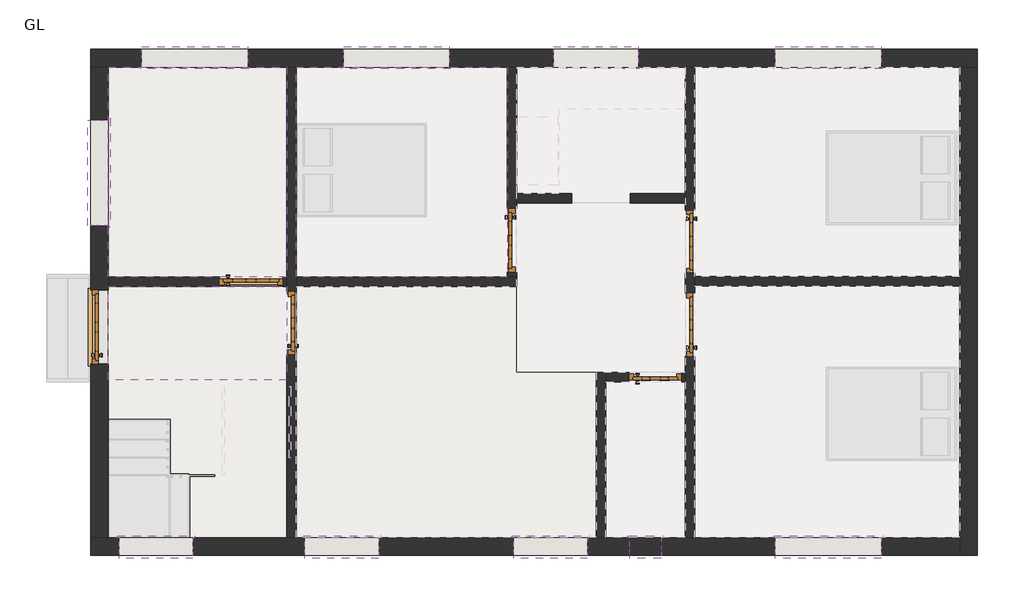
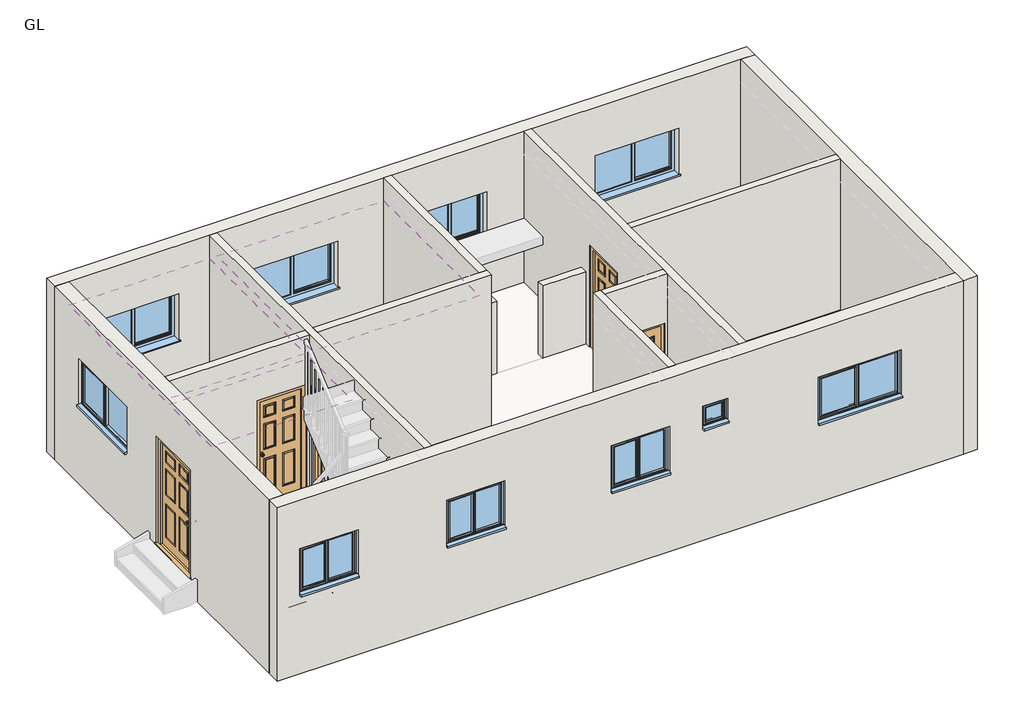
# One storey, part 1 of 2: 13 walls, 10 windows, 7 doors, 3 coverings, 3 slabs.
"""IFC4 building model written with IfcOpenShell, lengths in millimetres."""

from ifc_helpers import new_model, si_unit, frame, origin, origin_with_axes, place, context, project, spatial, polyline, outline, extrude, faceted_brep, transform, mapped, element, save
from components import doors_extsgl_11_2_5_c7418333, doors_extsgl_11_3_cb0934a6, doors_extsgl_11_3_1bca8958, doors_extsgl_11_3_5_304e37c5, windows_dbl_plain_3_5_9bb0dad6, windows_dbl_plain_4_0a19b8d2, windows_dbl_plain_5_b9c38b89, windows_sgl_plain_v_b14593de

model = new_model("IFC4")

# Units and contexts
model_context = context("Model", 3, world=origin())
ifc_project = project(units=[si_unit("LENGTHUNIT", "METRE", prefix="MILLI")], contexts=[model_context])

# Site, building, storey
site = spatial("IfcSite", under=ifc_project)
building = spatial("IfcBuilding", under=site)
storey = spatial("IfcBuildingStorey", under=building, Name="GL", Elevation=0.0)

# Coverings
placement = place(None, origin())
element("IfcCovering", 1, ObjectType="Plain", at=placement, inside=storey, context=model_context, shape_type="SweptSolid", body=[
    extrude(outline(polyline([(-4288.5477418, 6562.8522428), (-1717.6596772, 6562.8522428), (-1717.6596772, 3526.9173971), (-4288.5477418, 3526.9173971), (-4288.5477418, 6562.8522428)])), frame((0.0, 0.0, 2600.0), z_axis=(0.0, 0.0, 1.0), x_axis=(1.0, 0.0, 0.0)), (0.0, 0.0, 1.0), 57.0),
])
element("IfcCovering", 2, ObjectType="Plain", at=placement, inside=storey, context=model_context, shape_type="SweptSolid", body=[
    extrude(outline(polyline([(-4288.5477418, 3389.7573971), (-1717.6596772, 3389.7573971), (-1717.6596772, 2042.8185606), (-4288.5477418, 2042.8185606), (-4288.5477418, 3389.7573971)])), frame((0.0, 0.0, 2600.0), z_axis=(0.0, 0.0, 1.0), x_axis=(1.0, 0.0, 0.0)), (0.0, 0.0, 1.0), 57.0),
])
element("IfcCovering", 3, ObjectType="Plain", at=placement, inside=storey, context=model_context, shape_type="SweptSolid", body=[
    extrude(outline(polyline([(-1580.4996772, 6562.8522428), (1467.0922582, 6562.8522428), (1467.0922582, 3526.9173971), (-1580.4996772, 3526.9173971), (-1580.4996772, 6562.8522428)])), frame((0.0, 0.0, 2600.0), z_axis=(0.0, 0.0, 1.0), x_axis=(1.0, 0.0, 0.0)), (0.0, 0.0, 1.0), 57.0),
])

# Doors
doors_extsgl_11_2_5_shape = doors_extsgl_11_2_5_c7418333(model_context)
element("IfcDoor", 4, ObjectType="Doors_ExtSgl_11 : 2.5'", at=placement, inside=storey, context=model_context, shape_type="MappedRepresentation", body=[
    mapped(doors_extsgl_11_2_5_shape, transform((3602.1673421, 2084.8322428, 0.0), x_axis=(1.0, 0.0, 0.0), y_axis=(0.0, 1.0, 0.0), z_axis=(0.0, 0.0, 1.0))),
])
doors_extsgl_11_3_shape = doors_extsgl_11_3_cb0934a6(model_context)
element("IfcDoor", 5, ObjectType="Doors_ExtSgl_11 : 3'", at=placement, inside=storey, context=model_context, shape_type="MappedRepresentation", body=[
    mapped(doors_extsgl_11_3_shape, transform((-1649.0796772, 2864.6122428, 0.0), x_axis=(0.0, 1.0, 0.0), y_axis=(-1.0, 0.0, 0.0), z_axis=(0.0, 0.0, 1.0))),
])
element("IfcDoor", 6, ObjectType="Doors_ExtSgl_11 : 3'", at=placement, inside=storey, context=model_context, shape_type="MappedRepresentation", body=[
    mapped(doors_extsgl_11_3_shape, transform((1535.6722582, 4062.4009233, 0.0), x_axis=(0.0, -1.0, 0.0), y_axis=(1.0, 0.0, 0.0), z_axis=(0.0, 0.0, 1.0))),
])
element("IfcDoor", 7, ObjectType="Doors_ExtSgl_11 : 3'", at=placement, inside=storey, context=model_context, shape_type="MappedRepresentation", body=[
    mapped(doors_extsgl_11_3_shape, transform((4102.5473421, 2838.6460854, 0.0), x_axis=(0.0, 1.0, 0.0), y_axis=(-1.0, 0.0, 0.0), z_axis=(0.0, 0.0, 1.0))),
])
doors_extsgl_11_3_2_shape = doors_extsgl_11_3_1bca8958(model_context)
element("IfcDoor", 8, ObjectType="Doors_ExtSgl_11 : 3'", at=placement, inside=storey, context=model_context, shape_type="MappedRepresentation", body=[
    mapped(doors_extsgl_11_3_2_shape, transform((-2231.1477418, 3458.3373971, 0.0), x_axis=(1.0, 0.0, 0.0), y_axis=(0.0, 1.0, 0.0), z_axis=(0.0, 0.0, 1.0))),
])
element("IfcDoor", 9, ObjectType="Doors_ExtSgl_11 : 3'", at=placement, inside=storey, context=model_context, shape_type="MappedRepresentation", body=[
    mapped(doors_extsgl_11_3_2_shape, transform((4102.5473421, 4042.6060854, 0.0), x_axis=(0.0, -1.0, 0.0), y_axis=(1.0, 0.0, 0.0), z_axis=(0.0, 0.0, 1.0))),
])
doors_extsgl_11_3_5_shape = doors_extsgl_11_3_5_304e37c5(model_context)
element("IfcDoor", 10, ObjectType="Doors_ExtSgl_11 : 3.5'", at=placement, inside=storey, context=model_context, shape_type="MappedRepresentation", body=[
    mapped(doors_extsgl_11_3_5_shape, transform((-4418.0877418, 2805.5573971, 0.0), x_axis=(0.0, 1.0, 0.0), y_axis=(-1.0, 0.0, 0.0), z_axis=(0.0, 0.0, 1.0))),
])

# Slabs
element("IfcSlab", 11, ObjectType="DRAWING FLOOR", at=placement, inside=storey, context=model_context, shape_type="SweptSolid", body=[
    extrude(outline(polyline([(-1723.9477418, 6562.8522428), (-1723.9477418, 3503.7573971), (-4288.5477418, 3503.7573971), (-4288.5477418, 6562.8522428), (-1723.9477418, 6562.8522428)])), frame((0.0, 0.0, -24.9936), z_axis=(0.0, 0.0, 1.0), x_axis=(1.0, 0.0, 0.0)), (0.0, 0.0, 1.0), 149.9616),
])
element("IfcSlab", 12, ObjectType="LIVING AND DRAWING FLOOR", at=placement, inside=storey, context=model_context, shape_type="Brep", body=[
    faceted_brep([(2751.2673421, -234.1877572, -24.9936), (-1580.4996772, -234.1877572, -24.9936), (-1580.4996772, 3526.9173971, -24.9936), (1594.5003228, 3526.9173971, -24.9936), (1594.5003228, 2153.4122428, -24.9936), (1604.2522582, 2153.4122428, -24.9936), (2751.2673421, 2153.4122428, -24.9936), (-1580.4996772, -234.1877572, 124.968), (2751.2673421, -234.1877572, 124.968), (2751.2673421, 2153.4122428, 124.968), (1604.2522582, 2153.4122428, 124.968), (1594.5003228, 2153.4122428, 124.968), (1594.5003228, 3389.7573971, 124.968), (1594.5003228, 3526.9173971, 124.968), (-1580.4996772, 3526.9173971, 124.968), (-1580.4996772, 3389.7573971, 124.968), (1594.5003228, 3526.9173971, 0.0)], [[[0, 1, 2, 3, 4, 5, 6]], [[7, 8, 9, 10, 11, 12, 13, 14, 15]], [[1, 0, 8, 7]], [[2, 1, 7, 15, 14]], [[3, 2, 14, 13, 16]], [[4, 3, 16, 13, 12, 11]], [[4, 11, 10, 9, 6, 5]], [[0, 6, 9, 8]]]),
])
element("IfcSlab", 13, ObjectType="STAIR CASE FLOOR", at=placement, inside=storey, context=model_context, shape_type="Brep", body=[
    faceted_brep([(-1580.4996772, 3389.7573971, -24.9936), (-1580.4996772, -234.1877572, -24.9936), (-4288.5477418, -234.1877572, -24.9936), (-4288.5477418, 3389.7573971, -24.9936), (-1580.4996772, 3389.7573971, 124.968), (-4288.5477418, 3389.7573971, 124.968), (-4288.5477418, -234.1877572, 124.968), (-1580.4996772, -234.1877572, 124.968), (-4288.5477418, 3389.7573971, 0.0)], [[[0, 1, 2, 3]], [[4, 5, 6, 7]], [[1, 0, 4, 7]], [[2, 1, 7, 6]], [[3, 2, 6, 5, 8]], [[0, 3, 8, 5, 4]]]),
])

# Walls
element("IfcWall", 14, at=placement, inside=storey, context=model_context, shape_type="Brep", body=[
    faceted_brep([(-4547.6277418, 6562.8522428, -304.8), (-4288.5477418, 6562.8522428, -304.8), (7994.8922582, 6562.8522428, -304.8), (8253.9722582, 6562.8522428, -304.8), (8253.9722582, 6562.8522428, 3048.0), (7994.8922582, 6562.8522428, 3048.0), (4171.1273421, 6562.8522428, 3048.0), (4033.9673421, 6562.8522428, 3048.0), (1604.2522582, 6562.8522428, 3048.0), (1467.0922582, 6562.8522428, 3048.0), (-1580.4996772, 6562.8522428, 3048.0), (-1717.6596772, 6562.8522428, 3048.0), (-4288.5477418, 6562.8522428, 3048.0), (-4547.6277418, 6562.8522428, 3048.0), (-3805.9477418, 6562.8522428, 2110.0), (-2281.9477418, 6562.8522428, 2110.0), (-2281.9477418, 6562.8522428, 1200.0), (-3805.9477418, 6562.8522428, 1200.0), (-894.6996772, 6562.8522428, 2110.0), (629.3003228, 6562.8522428, 2110.0), (629.3003228, 6562.8522428, 1200.0), (-894.6996772, 6562.8522428, 1200.0), (2137.6522582, 6562.8522428, 2110.0), (3356.8522582, 6562.8522428, 2110.0), (3356.8522582, 6562.8522428, 1200.0), (2137.6522582, 6562.8522428, 1200.0), (5338.5757576, 6562.8522428, 2110.0), (6862.5757576, 6562.8522428, 2110.0), (6862.5757576, 6562.8522428, 1200.0), (5338.5757576, 6562.8522428, 1200.0), (-4547.6277418, 6821.9322428, -304.8), (-4547.6277418, 6821.9322428, 3048.0), (8253.9722582, 6821.9322428, 3048.0), (8253.9722582, 6821.9322428, -304.8), (-3805.9477418, 6821.9322428, 2110.0), (-3805.9477418, 6821.9322428, 1200.0), (-2281.9477418, 6821.9322428, 1200.0), (-2281.9477418, 6821.9322428, 2110.0), (-894.6996772, 6821.9322428, 2110.0), (-894.6996772, 6821.9322428, 1200.0), (629.3003228, 6821.9322428, 1200.0), (629.3003228, 6821.9322428, 2110.0), (2137.6522582, 6821.9322428, 2110.0), (2137.6522582, 6821.9322428, 1200.0), (3356.8522582, 6821.9322428, 1200.0), (3356.8522582, 6821.9322428, 2110.0), (5338.5757576, 6821.9322428, 2110.0), (5338.5757576, 6821.9322428, 1200.0), (6862.5757576, 6821.9322428, 1200.0), (6862.5757576, 6821.9322428, 2110.0)], [[[0, 1, 2, 3, 4, 5, 6, 7, 8, 9, 10, 11, 12, 13], [14, 15, 16, 17], [18, 19, 20, 21], [22, 23, 24, 25], [26, 27, 28, 29]], [[30, 31, 32, 33], [34, 35, 36, 37], [38, 39, 40, 41], [42, 43, 44, 45], [46, 47, 48, 49]], [[3, 2, 1, 0, 30, 33]], [[4, 3, 33, 32]], [[0, 13, 31, 30]], [[35, 34, 14, 17]], [[36, 35, 17, 16]], [[37, 36, 16, 15]], [[34, 37, 15, 14]], [[39, 38, 18, 21]], [[40, 39, 21, 20]], [[41, 40, 20, 19]], [[38, 41, 19, 18]], [[43, 42, 22, 25]], [[44, 43, 25, 24]], [[45, 44, 24, 23]], [[42, 45, 23, 22]], [[47, 46, 26, 29]], [[48, 47, 29, 28]], [[49, 48, 28, 27]], [[46, 49, 27, 26]], [[13, 12, 11, 10, 9, 8, 7, 6, 5, 4, 32, 31]]]),
])
element("IfcWall", 15, at=placement, inside=storey, context=model_context, shape_type="Brep", body=[
    faceted_brep([(7994.8922582, 6562.8522428, -304.8), (7994.8922582, -234.1877572, -304.8), (7994.8922582, -493.2677572, -304.8), (7994.8922582, -493.2677572, 3048.0), (7994.8922582, -234.1877572, 3048.0), (7994.8922582, 3397.4460854, 3048.0), (7994.8922582, 3534.6060854, 3048.0), (7994.8922582, 6562.8522428, 3048.0), (8253.9722582, 6562.8522428, -304.8), (8253.9722582, 6562.8522428, 3048.0), (8253.9722582, -493.2677572, 3048.0), (8253.9722582, -493.2677572, -304.8)], [[[0, 1, 2, 3, 4, 5, 6, 7]], [[8, 9, 10, 11]], [[2, 1, 0, 8, 11]], [[0, 7, 9, 8]], [[3, 2, 11, 10]], [[7, 6, 5, 4, 3, 10, 9]]]),
])
element("IfcWall", 16, at=placement, inside=storey, context=model_context, shape_type="Brep", body=[
    faceted_brep([(-4547.6277418, -493.2677572, -304.8), (7994.8922582, -493.2677572, -304.8), (7994.8922582, -493.2677572, 3048.0), (-4547.6277418, -493.2677572, 3048.0), (3689.7973421, -493.2677572, 2286.0), (3689.7973421, -493.2677572, 1828.8), (3232.5973421, -493.2677572, 1828.8), (3232.5973421, -493.2677572, 2286.0), (6862.5757576, -493.2677572, 2110.0), (6862.5757576, -493.2677572, 1200.0), (5338.5757576, -493.2677572, 1200.0), (5338.5757576, -493.2677572, 2110.0), (2624.2673421, -493.2677572, 2110.0), (2624.2673421, -493.2677572, 1200.0), (1557.4673421, -493.2677572, 1200.0), (1557.4673421, -493.2677572, 2110.0), (-386.6996772, -493.2677572, 2110.0), (-386.6996772, -493.2677572, 1200.0), (-1453.4996772, -493.2677572, 1200.0), (-1453.4996772, -493.2677572, 2110.0), (-3069.3477418, -493.2677572, 2110.0), (-3069.3477418, -493.2677572, 1200.0), (-4136.1477418, -493.2677572, 1200.0), (-4136.1477418, -493.2677572, 2110.0), (-4547.6277418, -234.1877572, -304.8), (-4547.6277418, -234.1877572, 3048.0), (-4288.5477418, -234.1877572, 3048.0), (-1717.6596772, -234.1877572, 3048.0), (-1580.4996772, -234.1877572, 3048.0), (2751.2673421, -234.1877572, 3048.0), (2888.4273421, -234.1877572, 3048.0), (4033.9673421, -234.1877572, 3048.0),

Task objective:
Copy whichever lines above contain the string "FLOOR".

Written response:
element("IfcSlab", 11, ObjectType="DRAWING FLOOR", at=placement, inside=storey, context=model_context, shape_type="SweptSolid", body=[
element("IfcSlab", 12, ObjectType="LIVING AND DRAWING FLOOR", at=placement, inside=storey, context=model_context, shape_type="Brep", body=[
element("IfcSlab", 13, ObjectType="STAIR CASE FLOOR", at=placement, inside=storey, context=model_context, shape_type="Brep", body=[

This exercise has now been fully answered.